Task item: Your answer is the lines below, exactly, from the one that contains "x_axis=(0.997563622011, 0.069762597718, 0.0)))" through the one that contains "p22 = place(p13, origin())", both included.

======

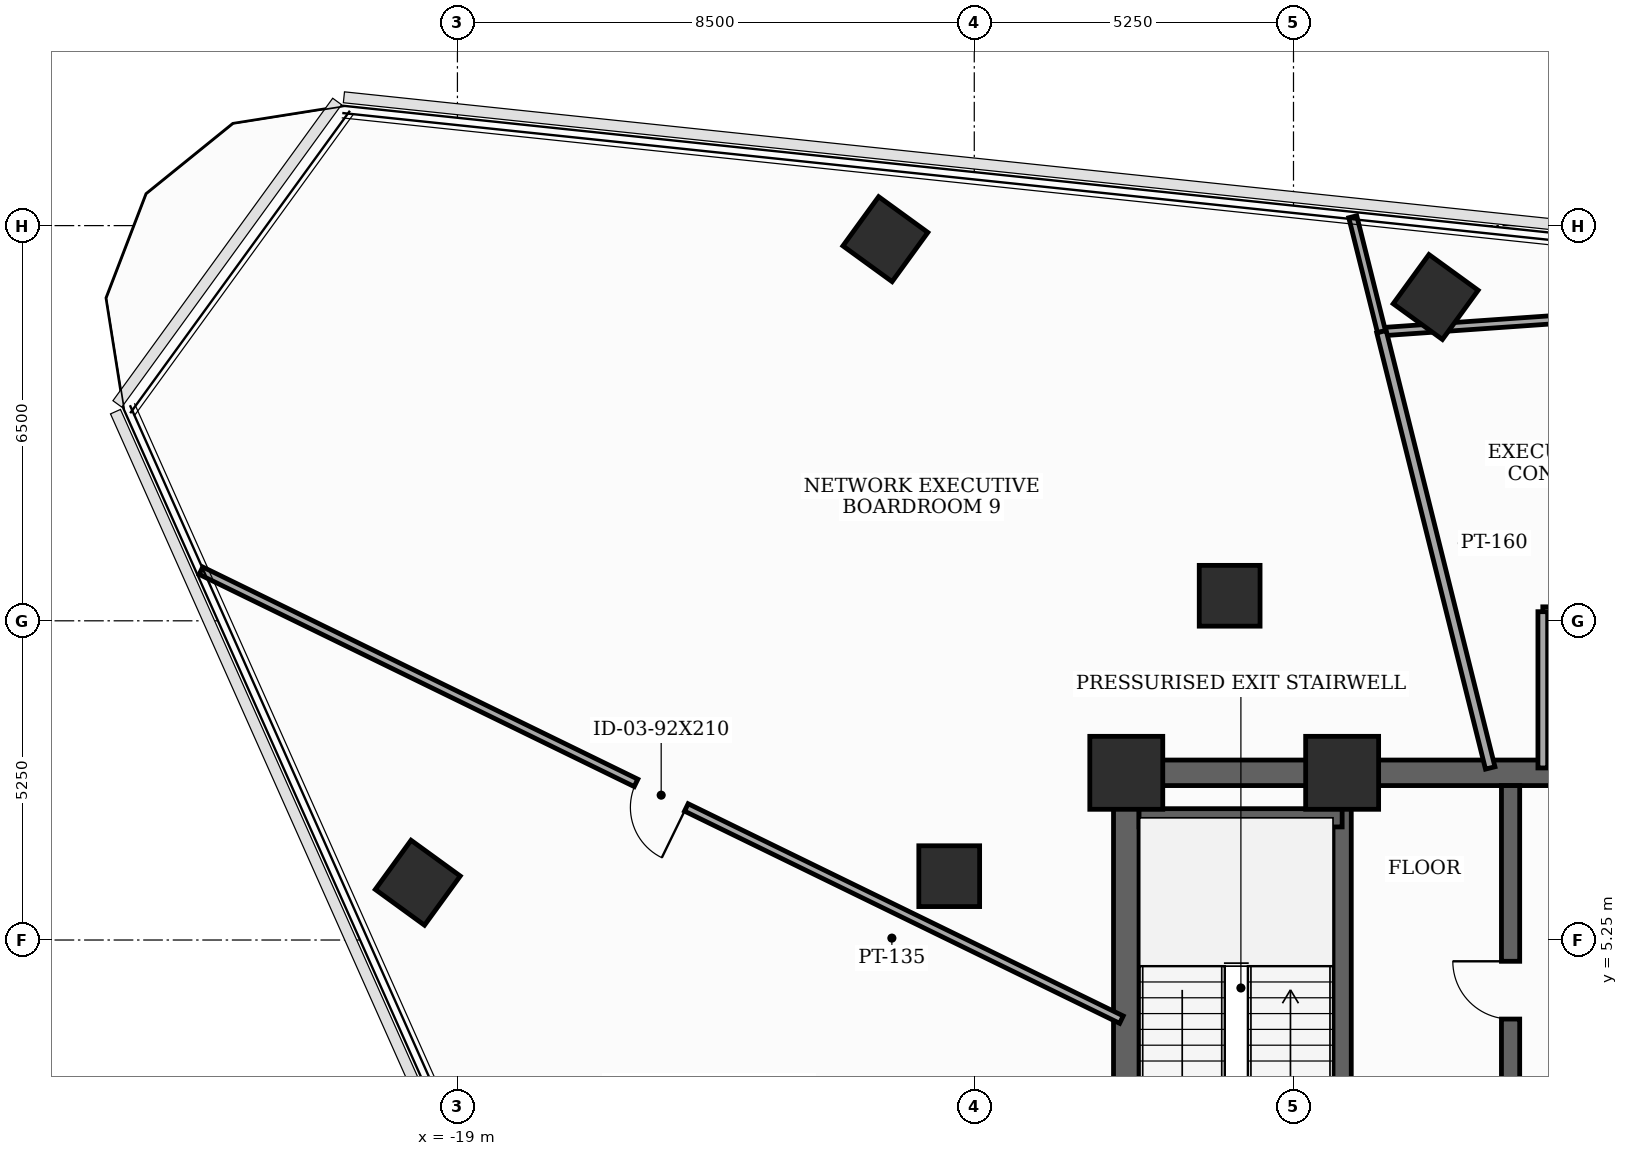
"""IFC4 building model, lengths in metres.
Left out: names, types, materials, properties, quantities, classifications, styles, units other than length and angle.
Written with IfcOpenShell. Run it as: python <this file> out.ifc"""

import sys

from ifc_helpers import new_model, si_unit, direction, frame, frame_2d, origin, origin_2d, place, context, subcontext, project, spatial, rectangle, extrude, element, fill, save


model = new_model("IFC4")
c1 = context("Model", 3, precision=1e-05, world=origin(), true_north=direction((0.0, 1.0)))
c2 = subcontext(c1, "Body", "Model", "MODEL_VIEW")
j1 = project(units=[si_unit("LENGTHUNIT", "METRE"), si_unit("PLANEANGLEUNIT", "RADIAN")], contexts=[c1])
p1 = place(None, origin())
s1 = spatial("IfcSite", under=j1, at=p1, CompositionType="ELEMENT")
p2 = place(p1, origin())
s2 = spatial("IfcBuilding", under=s1, at=p2, CompositionType="ELEMENT")
p3 = place(p2, frame((0.0, 0.0, 218.9)))
s3 = spatial("IfcBuildingStorey", under=s2, at=p3, CompositionType="ELEMENT", Elevation=218.9)
for number, where, z_axis, x_axis in (
    (1, (-4.45, 8.0, 0.0), (0.0, 0.0, 1.0), (1.0, 0.0, 0.0)),
    (2, (-8.0, 8.0, 0.0), (0.0, 0.0, 1.0), (1.0, 0.0, 0.0)),
):
    element("IfcColumn", number, at=place(p3, frame(where, z_axis=z_axis, x_axis=x_axis)), inside=s3, PredefinedType="COLUMN", context=c2, shape_type="SweptSolid", body=[
        extrude(rectangle(XDim=1.2, YDim=1.2, at=origin_2d()), origin(), (0.0, 0.0, 1.0), 3.7),
    ])
for number, where, z_axis, x_axis in (
    (3, (-6.3, 10.912, 0.0), (0.0, 0.0, 1.0), (1.0, 0.0, 0.0)),
    (4, (-10.912, 6.3, 0.0), (0.0, 0.0, 1.0), (1.0, 0.0, 0.0)),
    (5, (-2.912, 15.826, 0.0), (0.0, 0.0, 1.0), (0.588, 0.809, 0.0)),
    (6, (-11.962, 16.777, 0.0), (0.0, 0.0, 1.0), (0.588, 0.809, 0.0)),
    (7, (-19.652, 6.192, 0.0), (0.0, 0.0, 1.0), (0.588, 0.809, 0.0)),
):
    element("IfcColumn", number, at=place(p3, frame(where, z_axis=z_axis, x_axis=x_axis)), inside=s3, PredefinedType="COLUMN", context=c2, shape_type="SweptSolid", body=[
        extrude(rectangle(XDim=1.0, YDim=1.0, at=origin_2d()), origin(), (0.0, 0.0, 1.0), 3.7),
    ])
p4 = place(p3, frame((-8.0, -8.0, 0.0), z_axis=(0.0, 0.0, 1.0), x_axis=(0.0, 1.0, 0.0)))
e8 = element("IfcWall", 8, at=p4, inside=s3, PredefinedType="SHEAR", context=c2, shape_type="SweptSolid", body=[
    extrude(rectangle(XDim=16.0, YDim=0.42, at=frame_2d((8.0, 0.0))), origin(), (0.0, 0.0, 1.0), 3.5),
])
p5 = place(p4, frame((0.761, 0.0, 0.0)))
e9 = element("IfcOpeningElement", 9, at=p5, cuts=e8, PredefinedType="OPENING", context=c2, shape_type="SweptSolid", body=[
    extrude(rectangle(XDim=0.85, YDim=2.02, at=frame_2d((0.425, 1.01))), frame((0.0, 0.22, 0.0), z_axis=(0.0, -1.0, 0.0), x_axis=(1.0, 0.0, 0.0)), (0.0, 0.0, 1.0), 0.44),
])
p6 = place(p4, frame((5.35, 0.0, 0.0)))
e10 = element("IfcOpeningElement", 10, at=p6, cuts=e8, PredefinedType="OPENING", context=c2, shape_type="SweptSolid", body=[
    extrude(rectangle(XDim=1.05, YDim=2.15, at=frame_2d((0.525, 1.075))), frame((0.0, 0.22, 0.0), z_axis=(0.0, -1.0, 0.0), x_axis=(1.0, 0.0, 0.0)), (0.0, 0.0, 1.0), 0.44),
])
p7 = place(p3, frame((-8.0, 8.0, 0.0), z_axis=(0.0, 0.0, 1.0), x_axis=(1.0, 0.0, 0.0)))
e11 = element("IfcWall", 11, at=p7, inside=s3, PredefinedType="SHEAR", context=c2, shape_type="SweptSolid", body=[
    extrude(rectangle(XDim=16.0, YDim=0.42, at=frame_2d((8.0, 0.0))), origin(), (0.0, 0.0, 1.0), 3.5),
])
p8 = place(p7, frame((7.1, 0.0, 0.0)))
e12 = element("IfcOpeningElement", 12, at=p8, cuts=e11, PredefinedType="OPENING", context=c2, shape_type="SweptSolid", body=[
    extrude(rectangle(XDim=1.8, YDim=2.15, at=frame_2d((0.9, 1.075))), frame((0.0, 0.22, 0.0), z_axis=(0.0, -1.0, 0.0), x_axis=(1.0, 0.0, 0.0)), (0.0, 0.0, 1.0), 0.44),
])
p9 = place(p3, frame((-4.45, -7.79, 0.0), z_axis=(0.0, 0.0, 1.0), x_axis=(0.0, 1.0, 0.0)))
e13 = element("IfcWall", 13, at=p9, inside=s3, PredefinedType="SHEAR", context=c2, shape_type="SweptSolid", body=[
    extrude(rectangle(XDim=15.58, YDim=0.3, at=frame_2d((7.79, 0.0))), origin(), (0.0, 0.0, 1.0), 3.5),
])
p10 = place(p3, frame((-7.79, 7.26, 0.0), z_axis=(0.0, 0.0, 1.0), x_axis=(1.0, 0.0, 0.0)))
e14 = element("IfcWall", 14, at=p10, inside=s3, PredefinedType="SHEAR", context=c2, shape_type="SweptSolid", body=[
    extrude(rectangle(XDim=3.34, YDim=0.3, at=frame_2d((1.67, 0.0))), origin(), (0.0, 0.0, 1.0), 3.5),
])
p11 = place(p3, frame((-1.68, -4.85, 0.0), z_axis=(0.0, 0.0, 1.0), x_axis=(0.0, 1.0, 0.0)))
e15 = element("IfcWall", 15, at=p11, inside=s3, PredefinedType="SHEAR", context=c2, shape_type="SweptSolid", body=[
    extrude(rectangle(XDim=12.64, YDim=0.3, at=frame_2d((6.32, 0.0))), origin(), (0.0, 0.0, 1.0), 3.5),
])
p12 = place(p11, frame((2.6, 0.0, 0.0)))
e16 = element("IfcOpeningElement", 16, at=p12, cuts=e15, PredefinedType="OPENING", context=c2, shape_type="SweptSolid", body=[
    extrude(rectangle(XDim=0.95, YDim=2.1, at=frame_2d((0.475, 1.05))), frame((0.0, 0.16, 0.0), z_axis=(0.0, -1.0, 0.0), x_axis=(1.0, 0.0, 0.0)), (0.0, 0.0, 1.0), 0.32),
])
p13 = place(p11, frame((8.8, 0.0, 0.0)))
e17 = element("IfcOpeningElement", 17, at=p13, cuts=e15, PredefinedType="OPENING", context=c2, shape_type="SweptSolid", body=[
    extrude(rectangle(XDim=0.95, YDim=2.1, at=frame_2d((0.475, 1.05))), frame((0.0, 0.16, 0.0), z_axis=(0.0, -1.0, 0.0), x_axis=(1.0, 0.0, 0.0)), (0.0, 0.0, 1.0), 0.32),
])
p14 = place(p3, frame((10.15, 10.65, 0.0), z_axis=(0.0, 0.0, 1.0), x_axis=(-1.0, 0.0, 0.0)))
e18 = element("IfcWall", 18, at=p14, inside=s3, PredefinedType="PARTITIONING", context=c2, shape_type="SweptSolid", body=[
    extrude(rectangle(XDim=11.3, YDim=0.16, at=frame_2d((5.65, 0.0))), origin(), (0.0, 0.0, 1.0), 2.885),
])
p15 = place(p14, frame((6.506, 0.0, 0.0)))
e19 = element("IfcOpeningElement", 19, at=p15, cuts=e18, PredefinedType="OPENING", context=c2, shape_type="SweptSolid", body=[
    extrude(rectangle(XDim=1.0, YDim=2.15, at=frame_2d((0.5, 1.075))), frame((0.0, 0.09, 0.0), z_axis=(0.0, -1.0, 0.0), x_axis=(1.0, 0.0, 0.0)), (0.0, 0.0, 1.0), 0.18),
])
p16 = place(p3, frame((-1.15, 10.65, 0.0), z_axis=(0.0, 0.0, 1.0), x_axis=(0.0, -1.0, 0.0)))
e20 = element("IfcWall", 20, at=p16, inside=s3, PredefinedType="PARTITIONING", context=c2, shape_type="SweptSolid", body=[
    extrude(rectangle(XDim=2.57, YDim=0.16, at=frame_2d((1.285, 0.0))), origin(), (0.0, 0.0, 1.0), 2.885),
])
p17 = place(p3, frame((-8.08, 3.941, 0.0), z_axis=(0.0, 0.0, 1.0), x_axis=(-0.898787530524, 0.438384505856, 0.0)))
e21 = element("IfcWall", 21, at=p17, inside=s3, PredefinedType="PARTITIONING", context=c2, shape_type="SweptSolid", body=[
    extrude(rectangle(XDim=16.843, YDim=0.135, at=frame_2d((8.421, 0.0))), origin(), (0.0, 0.0, 1.0), 2.885),
])
p18 = place(p17, frame((7.961, 0.0, 0.0)))
e22 = element("IfcOpeningElement", 22, at=p18, cuts=e21, PredefinedType="OPENING", context=c2, shape_type="SweptSolid", body=[
    extrude(rectangle(XDim=0.92, YDim=2.1, at=frame_2d((0.46, 1.05))), frame((0.0, 0.077, 0.0), z_axis=(0.0, -1.0, 0.0), x_axis=(1.0, 0.0, 0.0)), (0.0, 0.0, 1.0), 0.155),
])
p19 = place(p3, frame((-3.803, 15.255, 0.0), z_axis=(0.0, 0.0, 1.0), x_axis=(0.997563622011, 0.069762597718, 0.0)))
e23 = element("IfcWall", 23, at=p19, inside=s3, PredefinedType="PARTITIONING", context=c2, shape_type="SweptSolid", body=[
    extrude(rectangle(XDim=5.879, YDim=0.135, at=frame_2d((2.94, 0.0))), origin(), (0.0, 0.0, 1.0), 2.985),
])
p20 = place(p3, frame((-4.275, 17.146, 0.0), z_axis=(0.0, 0.0, 1.0), x_axis=(0.242417712213, -0.970171970738, 0.0)))
e24 = element("IfcWall", 24, at=p20, inside=s3, PredefinedType="PARTITIONING", context=c2, shape_type="SweptSolid", body=[
    extrude(rectangle(XDim=1.949, YDim=0.135, at=frame_2d((0.974, 0.0))), origin(), (0.0, 0.0, 1.0), 3.035),
])
p21 = place(p3, frame((-3.803, 15.255, 0.0), z_axis=(0.0, 0.0, 1.0), x_axis=(0.241851911951, -0.970313172479, 0.0)))
e25 = element("IfcWall", 25, at=p21, inside=s3, PredefinedType="PARTITIONING", context=c2, shape_type="SweptSolid", body=[
    extrude(rectangle(XDim=7.394, YDim=0.16, at=frame_2d((3.697, 0.0))), origin(), (0.0, 0.0, 1.0), 2.885),
])
p22 = place(p13, origin())
e26 = element("IfcDoor", 26, at=p22, inside=s3, OperationType="SINGLE_SWING_RIGHT", PredefinedType="DOOR", context=c2, shape_type="SweptSolid", body=[
    extrude(rectangle(XDim=0.95, YDim=2.1, at=frame_2d((0.475, 1.05))), frame((0.0, 0.025, 0.0), z_axis=(0.0, -1.0, 0.0), x_axis=(1.0, 0.0, 0.0)), (0.0, 0.0, 1.0), 0.05),
])
fill(e17, e26)
p23 = place(p18, origin())
e27 = element("IfcDoor", 27, at=p23, inside=s3, OperationType="SINGLE_SWING_LEFT", PredefinedType="DOOR", context=c2, shape_type="SweptSolid", body=[
    extrude(rectangle(XDim=0.92, YDim=2.1, at=frame_2d((0.46, 1.05))), frame((0.0, 0.025, 0.0), z_axis=(0.0, -1.0, 0.0), x_axis=(1.0, 0.0, 0.0)), (0.0, 0.0, 1.0), 0.05),
])
fill(e22, e27)
save(model, sys.argv[1])

======

Output:
p19 = place(p3, frame((-3.803, 15.255, 0.0), z_axis=(0.0, 0.0, 1.0), x_axis=(0.997563622011, 0.069762597718, 0.0)))
e23 = element("IfcWall", 23, at=p19, inside=s3, PredefinedType="PARTITIONING", context=c2, shape_type="SweptSolid", body=[
    extrude(rectangle(XDim=5.879, YDim=0.135, at=frame_2d((2.94, 0.0))), origin(), (0.0, 0.0, 1.0), 2.985),
])
p20 = place(p3, frame((-4.275, 17.146, 0.0), z_axis=(0.0, 0.0, 1.0), x_axis=(0.242417712213, -0.970171970738, 0.0)))
e24 = element("IfcWall", 24, at=p20, inside=s3, PredefinedType="PARTITIONING", context=c2, shape_type="SweptSolid", body=[
    extrude(rectangle(XDim=1.949, YDim=0.135, at=frame_2d((0.974, 0.0))), origin(), (0.0, 0.0, 1.0), 3.035),
])
p21 = place(p3, frame((-3.803, 15.255, 0.0), z_axis=(0.0, 0.0, 1.0), x_axis=(0.241851911951, -0.970313172479, 0.0)))
e25 = element("IfcWall", 25, at=p21, inside=s3, PredefinedType="PARTITIONING", context=c2, shape_type="SweptSolid", body=[
    extrude(rectangle(XDim=7.394, YDim=0.16, at=frame_2d((3.697, 0.0))), origin(), (0.0, 0.0, 1.0), 2.885),
])
p22 = place(p13, origin())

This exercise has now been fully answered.